_Provided entries:_
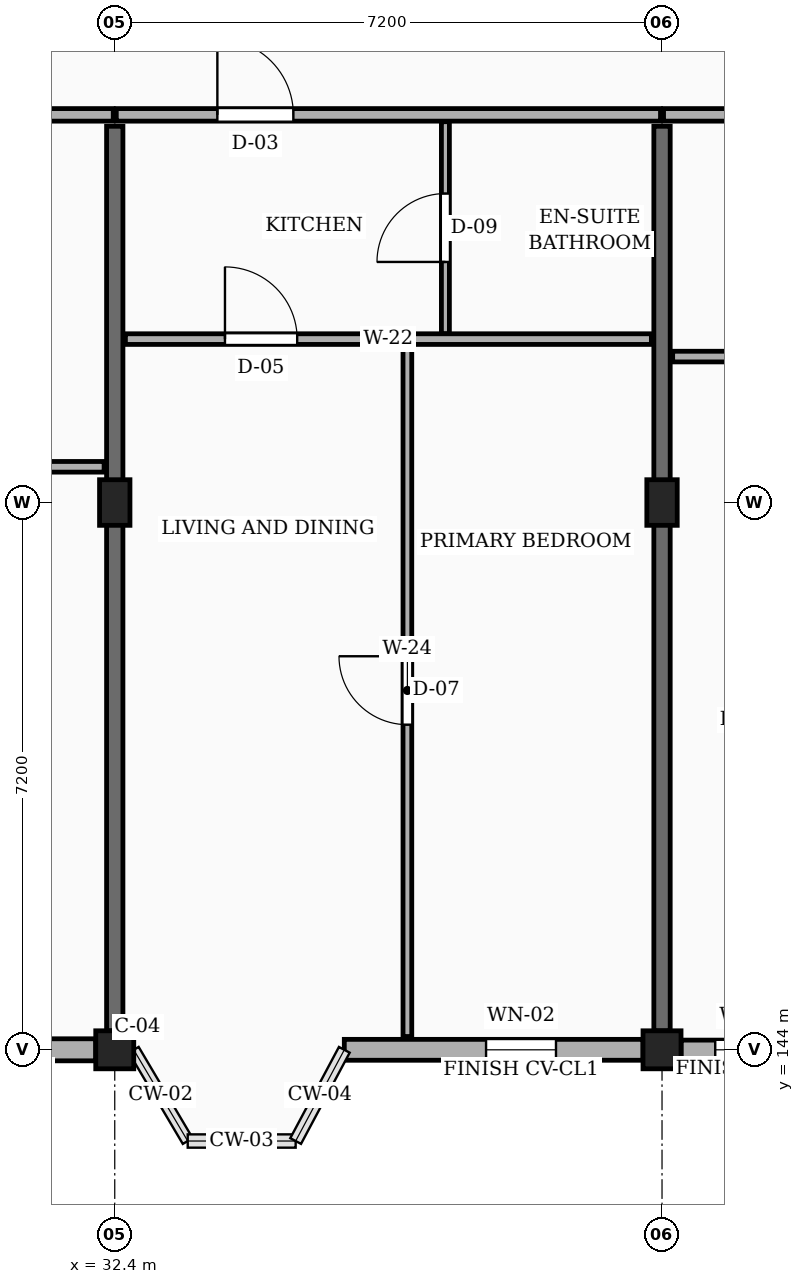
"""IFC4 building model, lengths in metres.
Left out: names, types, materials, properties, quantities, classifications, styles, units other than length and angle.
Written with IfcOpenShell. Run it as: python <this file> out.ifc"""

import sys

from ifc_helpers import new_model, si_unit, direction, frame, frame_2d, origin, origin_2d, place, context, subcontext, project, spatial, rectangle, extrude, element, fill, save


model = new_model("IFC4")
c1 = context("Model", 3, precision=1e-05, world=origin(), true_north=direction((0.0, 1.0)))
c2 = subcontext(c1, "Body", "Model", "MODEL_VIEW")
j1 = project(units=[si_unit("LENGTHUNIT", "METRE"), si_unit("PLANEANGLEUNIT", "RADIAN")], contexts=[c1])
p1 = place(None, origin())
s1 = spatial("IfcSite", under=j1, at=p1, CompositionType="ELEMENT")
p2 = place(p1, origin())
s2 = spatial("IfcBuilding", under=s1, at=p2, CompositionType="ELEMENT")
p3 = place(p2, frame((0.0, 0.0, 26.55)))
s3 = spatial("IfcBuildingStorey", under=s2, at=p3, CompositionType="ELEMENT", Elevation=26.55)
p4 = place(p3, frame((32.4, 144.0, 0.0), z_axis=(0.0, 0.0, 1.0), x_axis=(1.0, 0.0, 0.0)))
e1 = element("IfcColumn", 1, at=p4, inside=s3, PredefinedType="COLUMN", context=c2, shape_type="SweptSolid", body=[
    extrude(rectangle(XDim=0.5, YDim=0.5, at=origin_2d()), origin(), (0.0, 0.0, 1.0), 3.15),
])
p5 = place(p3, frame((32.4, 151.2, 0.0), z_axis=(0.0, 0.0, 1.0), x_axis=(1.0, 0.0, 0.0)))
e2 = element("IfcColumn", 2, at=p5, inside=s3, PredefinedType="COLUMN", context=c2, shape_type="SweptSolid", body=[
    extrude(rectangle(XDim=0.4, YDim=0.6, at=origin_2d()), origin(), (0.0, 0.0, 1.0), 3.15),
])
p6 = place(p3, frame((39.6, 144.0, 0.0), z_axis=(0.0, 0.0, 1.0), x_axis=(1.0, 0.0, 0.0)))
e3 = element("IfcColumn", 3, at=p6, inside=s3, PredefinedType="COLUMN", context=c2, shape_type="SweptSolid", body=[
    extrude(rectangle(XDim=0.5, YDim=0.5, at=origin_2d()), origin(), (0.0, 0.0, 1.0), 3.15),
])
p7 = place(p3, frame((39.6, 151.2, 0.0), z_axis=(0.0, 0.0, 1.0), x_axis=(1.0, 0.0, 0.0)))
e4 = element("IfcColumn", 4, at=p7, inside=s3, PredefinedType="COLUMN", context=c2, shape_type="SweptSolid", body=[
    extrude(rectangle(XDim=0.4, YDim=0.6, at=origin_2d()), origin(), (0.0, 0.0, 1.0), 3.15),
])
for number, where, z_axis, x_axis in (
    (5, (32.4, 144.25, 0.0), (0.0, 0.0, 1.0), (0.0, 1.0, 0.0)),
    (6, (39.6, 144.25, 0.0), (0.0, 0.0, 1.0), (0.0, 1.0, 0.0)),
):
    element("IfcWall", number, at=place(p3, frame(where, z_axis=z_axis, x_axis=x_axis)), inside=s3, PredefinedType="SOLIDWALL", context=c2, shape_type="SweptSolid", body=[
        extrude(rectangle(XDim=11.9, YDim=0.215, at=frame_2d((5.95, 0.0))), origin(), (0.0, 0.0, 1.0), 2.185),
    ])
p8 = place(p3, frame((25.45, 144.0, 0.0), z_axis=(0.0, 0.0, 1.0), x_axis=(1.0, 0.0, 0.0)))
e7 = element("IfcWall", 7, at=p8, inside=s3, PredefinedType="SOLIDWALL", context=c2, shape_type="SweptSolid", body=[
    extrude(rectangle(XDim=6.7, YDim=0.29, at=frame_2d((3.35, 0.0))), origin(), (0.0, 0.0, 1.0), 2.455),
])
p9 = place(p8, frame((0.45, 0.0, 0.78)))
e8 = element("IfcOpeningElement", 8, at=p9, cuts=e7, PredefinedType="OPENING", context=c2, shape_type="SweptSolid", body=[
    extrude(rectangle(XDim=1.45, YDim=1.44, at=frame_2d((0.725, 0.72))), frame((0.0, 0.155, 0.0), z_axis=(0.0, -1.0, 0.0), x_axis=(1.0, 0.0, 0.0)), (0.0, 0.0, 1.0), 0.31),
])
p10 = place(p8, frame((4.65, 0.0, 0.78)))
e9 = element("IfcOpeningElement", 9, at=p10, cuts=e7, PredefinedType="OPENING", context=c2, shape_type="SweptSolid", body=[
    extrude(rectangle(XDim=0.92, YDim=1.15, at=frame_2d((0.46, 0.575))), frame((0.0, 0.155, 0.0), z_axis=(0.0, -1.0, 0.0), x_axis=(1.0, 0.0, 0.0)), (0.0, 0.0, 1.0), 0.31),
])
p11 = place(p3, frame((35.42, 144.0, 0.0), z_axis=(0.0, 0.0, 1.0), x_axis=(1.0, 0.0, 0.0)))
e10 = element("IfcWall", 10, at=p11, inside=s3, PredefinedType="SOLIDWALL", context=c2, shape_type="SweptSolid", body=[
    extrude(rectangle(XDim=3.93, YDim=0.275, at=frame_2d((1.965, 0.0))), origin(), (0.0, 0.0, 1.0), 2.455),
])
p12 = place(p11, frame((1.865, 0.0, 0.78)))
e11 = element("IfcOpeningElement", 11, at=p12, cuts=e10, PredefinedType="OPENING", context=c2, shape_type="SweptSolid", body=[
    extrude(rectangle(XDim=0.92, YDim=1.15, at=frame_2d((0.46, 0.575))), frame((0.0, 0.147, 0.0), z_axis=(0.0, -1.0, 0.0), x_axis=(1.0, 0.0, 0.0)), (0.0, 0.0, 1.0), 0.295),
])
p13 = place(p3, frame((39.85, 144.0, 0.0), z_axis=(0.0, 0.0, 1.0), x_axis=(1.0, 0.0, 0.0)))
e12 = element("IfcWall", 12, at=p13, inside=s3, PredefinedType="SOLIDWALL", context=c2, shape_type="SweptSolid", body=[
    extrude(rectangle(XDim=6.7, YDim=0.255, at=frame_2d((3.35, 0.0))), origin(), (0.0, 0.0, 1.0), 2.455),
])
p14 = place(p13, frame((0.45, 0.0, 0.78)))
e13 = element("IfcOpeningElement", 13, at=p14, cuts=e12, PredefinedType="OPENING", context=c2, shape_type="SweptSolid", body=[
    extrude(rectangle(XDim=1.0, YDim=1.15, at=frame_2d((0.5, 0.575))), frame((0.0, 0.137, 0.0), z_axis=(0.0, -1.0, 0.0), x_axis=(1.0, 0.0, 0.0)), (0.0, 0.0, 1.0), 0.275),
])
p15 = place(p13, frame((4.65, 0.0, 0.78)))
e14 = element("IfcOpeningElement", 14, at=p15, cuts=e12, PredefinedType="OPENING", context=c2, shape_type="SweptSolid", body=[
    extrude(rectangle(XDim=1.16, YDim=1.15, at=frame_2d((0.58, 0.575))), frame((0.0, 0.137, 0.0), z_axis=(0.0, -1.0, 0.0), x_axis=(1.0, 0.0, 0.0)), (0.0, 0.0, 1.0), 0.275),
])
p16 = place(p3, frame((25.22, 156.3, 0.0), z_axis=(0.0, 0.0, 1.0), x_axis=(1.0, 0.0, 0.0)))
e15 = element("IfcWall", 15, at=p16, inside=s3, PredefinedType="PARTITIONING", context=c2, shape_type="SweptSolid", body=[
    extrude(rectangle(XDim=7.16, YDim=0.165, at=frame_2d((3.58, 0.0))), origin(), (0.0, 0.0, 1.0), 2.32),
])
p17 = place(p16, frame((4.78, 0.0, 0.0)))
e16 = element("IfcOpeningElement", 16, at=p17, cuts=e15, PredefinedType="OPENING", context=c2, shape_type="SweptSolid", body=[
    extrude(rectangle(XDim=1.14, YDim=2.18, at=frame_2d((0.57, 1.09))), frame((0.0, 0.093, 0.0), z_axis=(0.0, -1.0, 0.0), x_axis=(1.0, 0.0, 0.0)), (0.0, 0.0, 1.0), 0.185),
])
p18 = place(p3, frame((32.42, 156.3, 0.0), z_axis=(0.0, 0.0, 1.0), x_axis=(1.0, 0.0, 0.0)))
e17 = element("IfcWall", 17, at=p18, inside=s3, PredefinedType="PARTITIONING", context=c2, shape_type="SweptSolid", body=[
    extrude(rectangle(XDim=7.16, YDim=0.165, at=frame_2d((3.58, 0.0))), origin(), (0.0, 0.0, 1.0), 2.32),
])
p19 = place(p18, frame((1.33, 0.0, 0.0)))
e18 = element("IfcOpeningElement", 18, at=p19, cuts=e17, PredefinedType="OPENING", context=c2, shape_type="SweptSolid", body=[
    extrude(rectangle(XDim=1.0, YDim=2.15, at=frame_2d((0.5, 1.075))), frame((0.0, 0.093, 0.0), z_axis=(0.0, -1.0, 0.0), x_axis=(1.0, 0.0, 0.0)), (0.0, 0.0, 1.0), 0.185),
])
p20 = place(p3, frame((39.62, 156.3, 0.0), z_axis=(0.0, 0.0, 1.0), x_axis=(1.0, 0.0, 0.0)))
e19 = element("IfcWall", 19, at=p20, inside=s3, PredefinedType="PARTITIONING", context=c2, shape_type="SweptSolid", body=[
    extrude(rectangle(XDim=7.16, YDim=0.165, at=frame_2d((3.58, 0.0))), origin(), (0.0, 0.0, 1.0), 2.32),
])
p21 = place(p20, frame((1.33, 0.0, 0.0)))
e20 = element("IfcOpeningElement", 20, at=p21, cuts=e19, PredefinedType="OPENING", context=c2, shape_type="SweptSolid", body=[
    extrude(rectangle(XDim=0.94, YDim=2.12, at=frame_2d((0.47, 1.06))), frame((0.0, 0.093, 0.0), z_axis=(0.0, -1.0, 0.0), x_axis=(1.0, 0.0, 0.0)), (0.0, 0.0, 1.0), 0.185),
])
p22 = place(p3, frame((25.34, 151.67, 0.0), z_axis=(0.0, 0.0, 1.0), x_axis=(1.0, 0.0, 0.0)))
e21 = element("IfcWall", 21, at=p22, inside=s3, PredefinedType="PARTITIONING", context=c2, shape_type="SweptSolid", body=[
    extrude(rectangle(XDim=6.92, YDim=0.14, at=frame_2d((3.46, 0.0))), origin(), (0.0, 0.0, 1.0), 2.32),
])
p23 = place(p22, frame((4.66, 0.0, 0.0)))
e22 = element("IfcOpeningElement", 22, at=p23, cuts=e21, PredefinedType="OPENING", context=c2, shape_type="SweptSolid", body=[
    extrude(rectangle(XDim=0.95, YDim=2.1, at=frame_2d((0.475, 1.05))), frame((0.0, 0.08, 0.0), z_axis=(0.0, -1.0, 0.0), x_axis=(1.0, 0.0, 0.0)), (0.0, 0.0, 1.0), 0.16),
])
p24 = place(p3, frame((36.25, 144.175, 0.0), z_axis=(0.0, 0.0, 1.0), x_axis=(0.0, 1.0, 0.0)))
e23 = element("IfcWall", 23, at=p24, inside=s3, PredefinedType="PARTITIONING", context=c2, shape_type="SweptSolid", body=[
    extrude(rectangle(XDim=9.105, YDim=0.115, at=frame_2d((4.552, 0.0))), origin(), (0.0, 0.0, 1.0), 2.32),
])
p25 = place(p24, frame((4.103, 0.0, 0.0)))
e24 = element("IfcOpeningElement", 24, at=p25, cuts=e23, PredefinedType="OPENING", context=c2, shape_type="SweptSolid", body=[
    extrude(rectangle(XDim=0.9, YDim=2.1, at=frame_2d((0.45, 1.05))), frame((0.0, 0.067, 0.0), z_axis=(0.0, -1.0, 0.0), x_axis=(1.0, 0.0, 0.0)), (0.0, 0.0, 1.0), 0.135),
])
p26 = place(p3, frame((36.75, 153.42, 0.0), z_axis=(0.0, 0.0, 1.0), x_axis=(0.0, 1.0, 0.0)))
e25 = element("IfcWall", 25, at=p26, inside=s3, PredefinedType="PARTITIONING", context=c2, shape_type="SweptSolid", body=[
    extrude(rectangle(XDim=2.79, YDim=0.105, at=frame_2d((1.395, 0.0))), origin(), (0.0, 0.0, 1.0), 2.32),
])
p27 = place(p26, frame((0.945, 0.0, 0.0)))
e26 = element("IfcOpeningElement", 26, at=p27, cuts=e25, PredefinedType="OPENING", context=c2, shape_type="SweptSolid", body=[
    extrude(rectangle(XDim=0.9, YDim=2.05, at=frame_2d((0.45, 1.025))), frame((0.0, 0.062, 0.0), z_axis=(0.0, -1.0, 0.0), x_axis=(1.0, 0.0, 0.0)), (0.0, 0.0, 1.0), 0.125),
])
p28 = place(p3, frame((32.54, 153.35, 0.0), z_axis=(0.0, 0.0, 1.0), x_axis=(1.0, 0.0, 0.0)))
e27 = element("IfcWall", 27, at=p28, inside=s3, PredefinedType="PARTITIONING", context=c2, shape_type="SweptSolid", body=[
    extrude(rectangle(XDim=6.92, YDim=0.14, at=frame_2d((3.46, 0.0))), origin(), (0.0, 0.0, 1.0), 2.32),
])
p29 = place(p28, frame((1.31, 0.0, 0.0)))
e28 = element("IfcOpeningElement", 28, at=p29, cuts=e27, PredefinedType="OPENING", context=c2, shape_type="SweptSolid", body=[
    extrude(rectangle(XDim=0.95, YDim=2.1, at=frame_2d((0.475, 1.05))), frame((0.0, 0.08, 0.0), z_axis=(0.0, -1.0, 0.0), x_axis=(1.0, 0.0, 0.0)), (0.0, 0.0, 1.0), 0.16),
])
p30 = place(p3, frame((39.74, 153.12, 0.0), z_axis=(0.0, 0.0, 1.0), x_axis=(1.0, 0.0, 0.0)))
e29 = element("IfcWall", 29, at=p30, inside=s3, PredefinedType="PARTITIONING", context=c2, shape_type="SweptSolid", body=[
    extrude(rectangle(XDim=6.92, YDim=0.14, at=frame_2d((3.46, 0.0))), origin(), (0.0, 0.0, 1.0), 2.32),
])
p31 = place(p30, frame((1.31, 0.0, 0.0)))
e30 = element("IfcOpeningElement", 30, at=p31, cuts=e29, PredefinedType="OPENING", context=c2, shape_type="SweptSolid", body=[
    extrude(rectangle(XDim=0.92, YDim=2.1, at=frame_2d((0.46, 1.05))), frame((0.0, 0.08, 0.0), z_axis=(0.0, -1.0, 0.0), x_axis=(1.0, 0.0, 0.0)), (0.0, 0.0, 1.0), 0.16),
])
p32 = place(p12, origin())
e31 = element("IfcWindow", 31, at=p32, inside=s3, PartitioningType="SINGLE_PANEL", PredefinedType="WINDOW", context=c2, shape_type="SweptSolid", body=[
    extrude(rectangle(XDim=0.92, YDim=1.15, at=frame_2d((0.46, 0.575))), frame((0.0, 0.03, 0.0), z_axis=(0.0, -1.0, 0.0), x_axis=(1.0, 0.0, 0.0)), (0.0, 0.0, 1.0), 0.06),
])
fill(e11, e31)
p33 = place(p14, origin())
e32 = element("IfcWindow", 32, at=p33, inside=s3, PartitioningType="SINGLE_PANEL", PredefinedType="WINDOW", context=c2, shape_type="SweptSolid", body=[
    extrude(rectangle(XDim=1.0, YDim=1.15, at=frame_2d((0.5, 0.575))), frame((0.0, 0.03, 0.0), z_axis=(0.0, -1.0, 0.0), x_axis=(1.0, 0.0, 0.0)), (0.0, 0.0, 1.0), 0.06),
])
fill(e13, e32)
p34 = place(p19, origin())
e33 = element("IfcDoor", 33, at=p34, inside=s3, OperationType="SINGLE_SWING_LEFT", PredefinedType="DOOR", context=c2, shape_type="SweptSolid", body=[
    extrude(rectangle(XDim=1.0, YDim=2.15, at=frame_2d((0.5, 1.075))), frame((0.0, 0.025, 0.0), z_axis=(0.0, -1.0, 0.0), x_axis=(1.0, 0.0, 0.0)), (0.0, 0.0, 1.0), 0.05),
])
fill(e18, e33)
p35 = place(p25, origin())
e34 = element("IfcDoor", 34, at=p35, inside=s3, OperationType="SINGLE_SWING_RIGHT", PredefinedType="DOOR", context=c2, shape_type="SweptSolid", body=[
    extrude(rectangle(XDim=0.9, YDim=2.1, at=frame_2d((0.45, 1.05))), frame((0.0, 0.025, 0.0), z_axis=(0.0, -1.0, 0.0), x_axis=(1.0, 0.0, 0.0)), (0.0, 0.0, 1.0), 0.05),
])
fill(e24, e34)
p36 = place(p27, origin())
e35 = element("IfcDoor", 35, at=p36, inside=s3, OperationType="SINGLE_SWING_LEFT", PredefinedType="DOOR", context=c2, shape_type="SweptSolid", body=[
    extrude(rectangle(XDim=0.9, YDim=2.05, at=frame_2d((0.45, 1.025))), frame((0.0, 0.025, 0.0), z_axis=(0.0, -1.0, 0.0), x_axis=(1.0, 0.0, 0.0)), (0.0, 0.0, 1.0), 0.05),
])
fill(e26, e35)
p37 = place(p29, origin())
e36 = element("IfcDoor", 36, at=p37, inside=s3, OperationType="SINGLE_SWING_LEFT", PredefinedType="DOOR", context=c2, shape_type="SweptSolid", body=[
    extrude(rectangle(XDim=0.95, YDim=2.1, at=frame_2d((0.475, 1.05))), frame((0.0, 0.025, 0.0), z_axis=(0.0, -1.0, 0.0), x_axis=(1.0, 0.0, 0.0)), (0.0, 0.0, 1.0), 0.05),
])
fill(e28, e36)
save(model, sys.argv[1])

_What is being asked:_
Without any pictures, output exactly the lines from the start of the material through the line that contains "for number, where, z_axis, x_axis", and only those.

_Final answer:_
"""IFC4 building model, lengths in metres.
Left out: names, types, materials, properties, quantities, classifications, styles, units other than length and angle.
Written with IfcOpenShell. Run it as: python <this file> out.ifc"""

import sys

from ifc_helpers import new_model, si_unit, direction, frame, frame_2d, origin, origin_2d, place, context, subcontext, project, spatial, rectangle, extrude, element, fill, save


model = new_model("IFC4")
c1 = context("Model", 3, precision=1e-05, world=origin(), true_north=direction((0.0, 1.0)))
c2 = subcontext(c1, "Body", "Model", "MODEL_VIEW")
j1 = project(units=[si_unit("LENGTHUNIT", "METRE"), si_unit("PLANEANGLEUNIT", "RADIAN")], contexts=[c1])
p1 = place(None, origin())
s1 = spatial("IfcSite", under=j1, at=p1, CompositionType="ELEMENT")
p2 = place(p1, origin())
s2 = spatial("IfcBuilding", under=s1, at=p2, CompositionType="ELEMENT")
p3 = place(p2, frame((0.0, 0.0, 26.55)))
s3 = spatial("IfcBuildingStorey", under=s2, at=p3, CompositionType="ELEMENT", Elevation=26.55)
p4 = place(p3, frame((32.4, 144.0, 0.0), z_axis=(0.0, 0.0, 1.0), x_axis=(1.0, 0.0, 0.0)))
e1 = element("IfcColumn", 1, at=p4, inside=s3, PredefinedType="COLUMN", context=c2, shape_type="SweptSolid", body=[
    extrude(rectangle(XDim=0.5, YDim=0.5, at=origin_2d()), origin(), (0.0, 0.0, 1.0), 3.15),
])
p5 = place(p3, frame((32.4, 151.2, 0.0), z_axis=(0.0, 0.0, 1.0), x_axis=(1.0, 0.0, 0.0)))
e2 = element("IfcColumn", 2, at=p5, inside=s3, PredefinedType="COLUMN", context=c2, shape_type="SweptSolid", body=[
    extrude(rectangle(XDim=0.4, YDim=0.6, at=origin_2d()), origin(), (0.0, 0.0, 1.0), 3.15),
])
p6 = place(p3, frame((39.6, 144.0, 0.0), z_axis=(0.0, 0.0, 1.0), x_axis=(1.0, 0.0, 0.0)))
e3 = element("IfcColumn", 3, at=p6, inside=s3, PredefinedType="COLUMN", context=c2, shape_type="SweptSolid", body=[
    extrude(rectangle(XDim=0.5, YDim=0.5, at=origin_2d()), origin(), (0.0, 0.0, 1.0), 3.15),
])
p7 = place(p3, frame((39.6, 151.2, 0.0), z_axis=(0.0, 0.0, 1.0), x_axis=(1.0, 0.0, 0.0)))
e4 = element("IfcColumn", 4, at=p7, inside=s3, PredefinedType="COLUMN", context=c2, shape_type="SweptSolid", body=[
    extrude(rectangle(XDim=0.4, YDim=0.6, at=origin_2d()), origin(), (0.0, 0.0, 1.0), 3.15),
])
for number, where, z_axis, x_axis in (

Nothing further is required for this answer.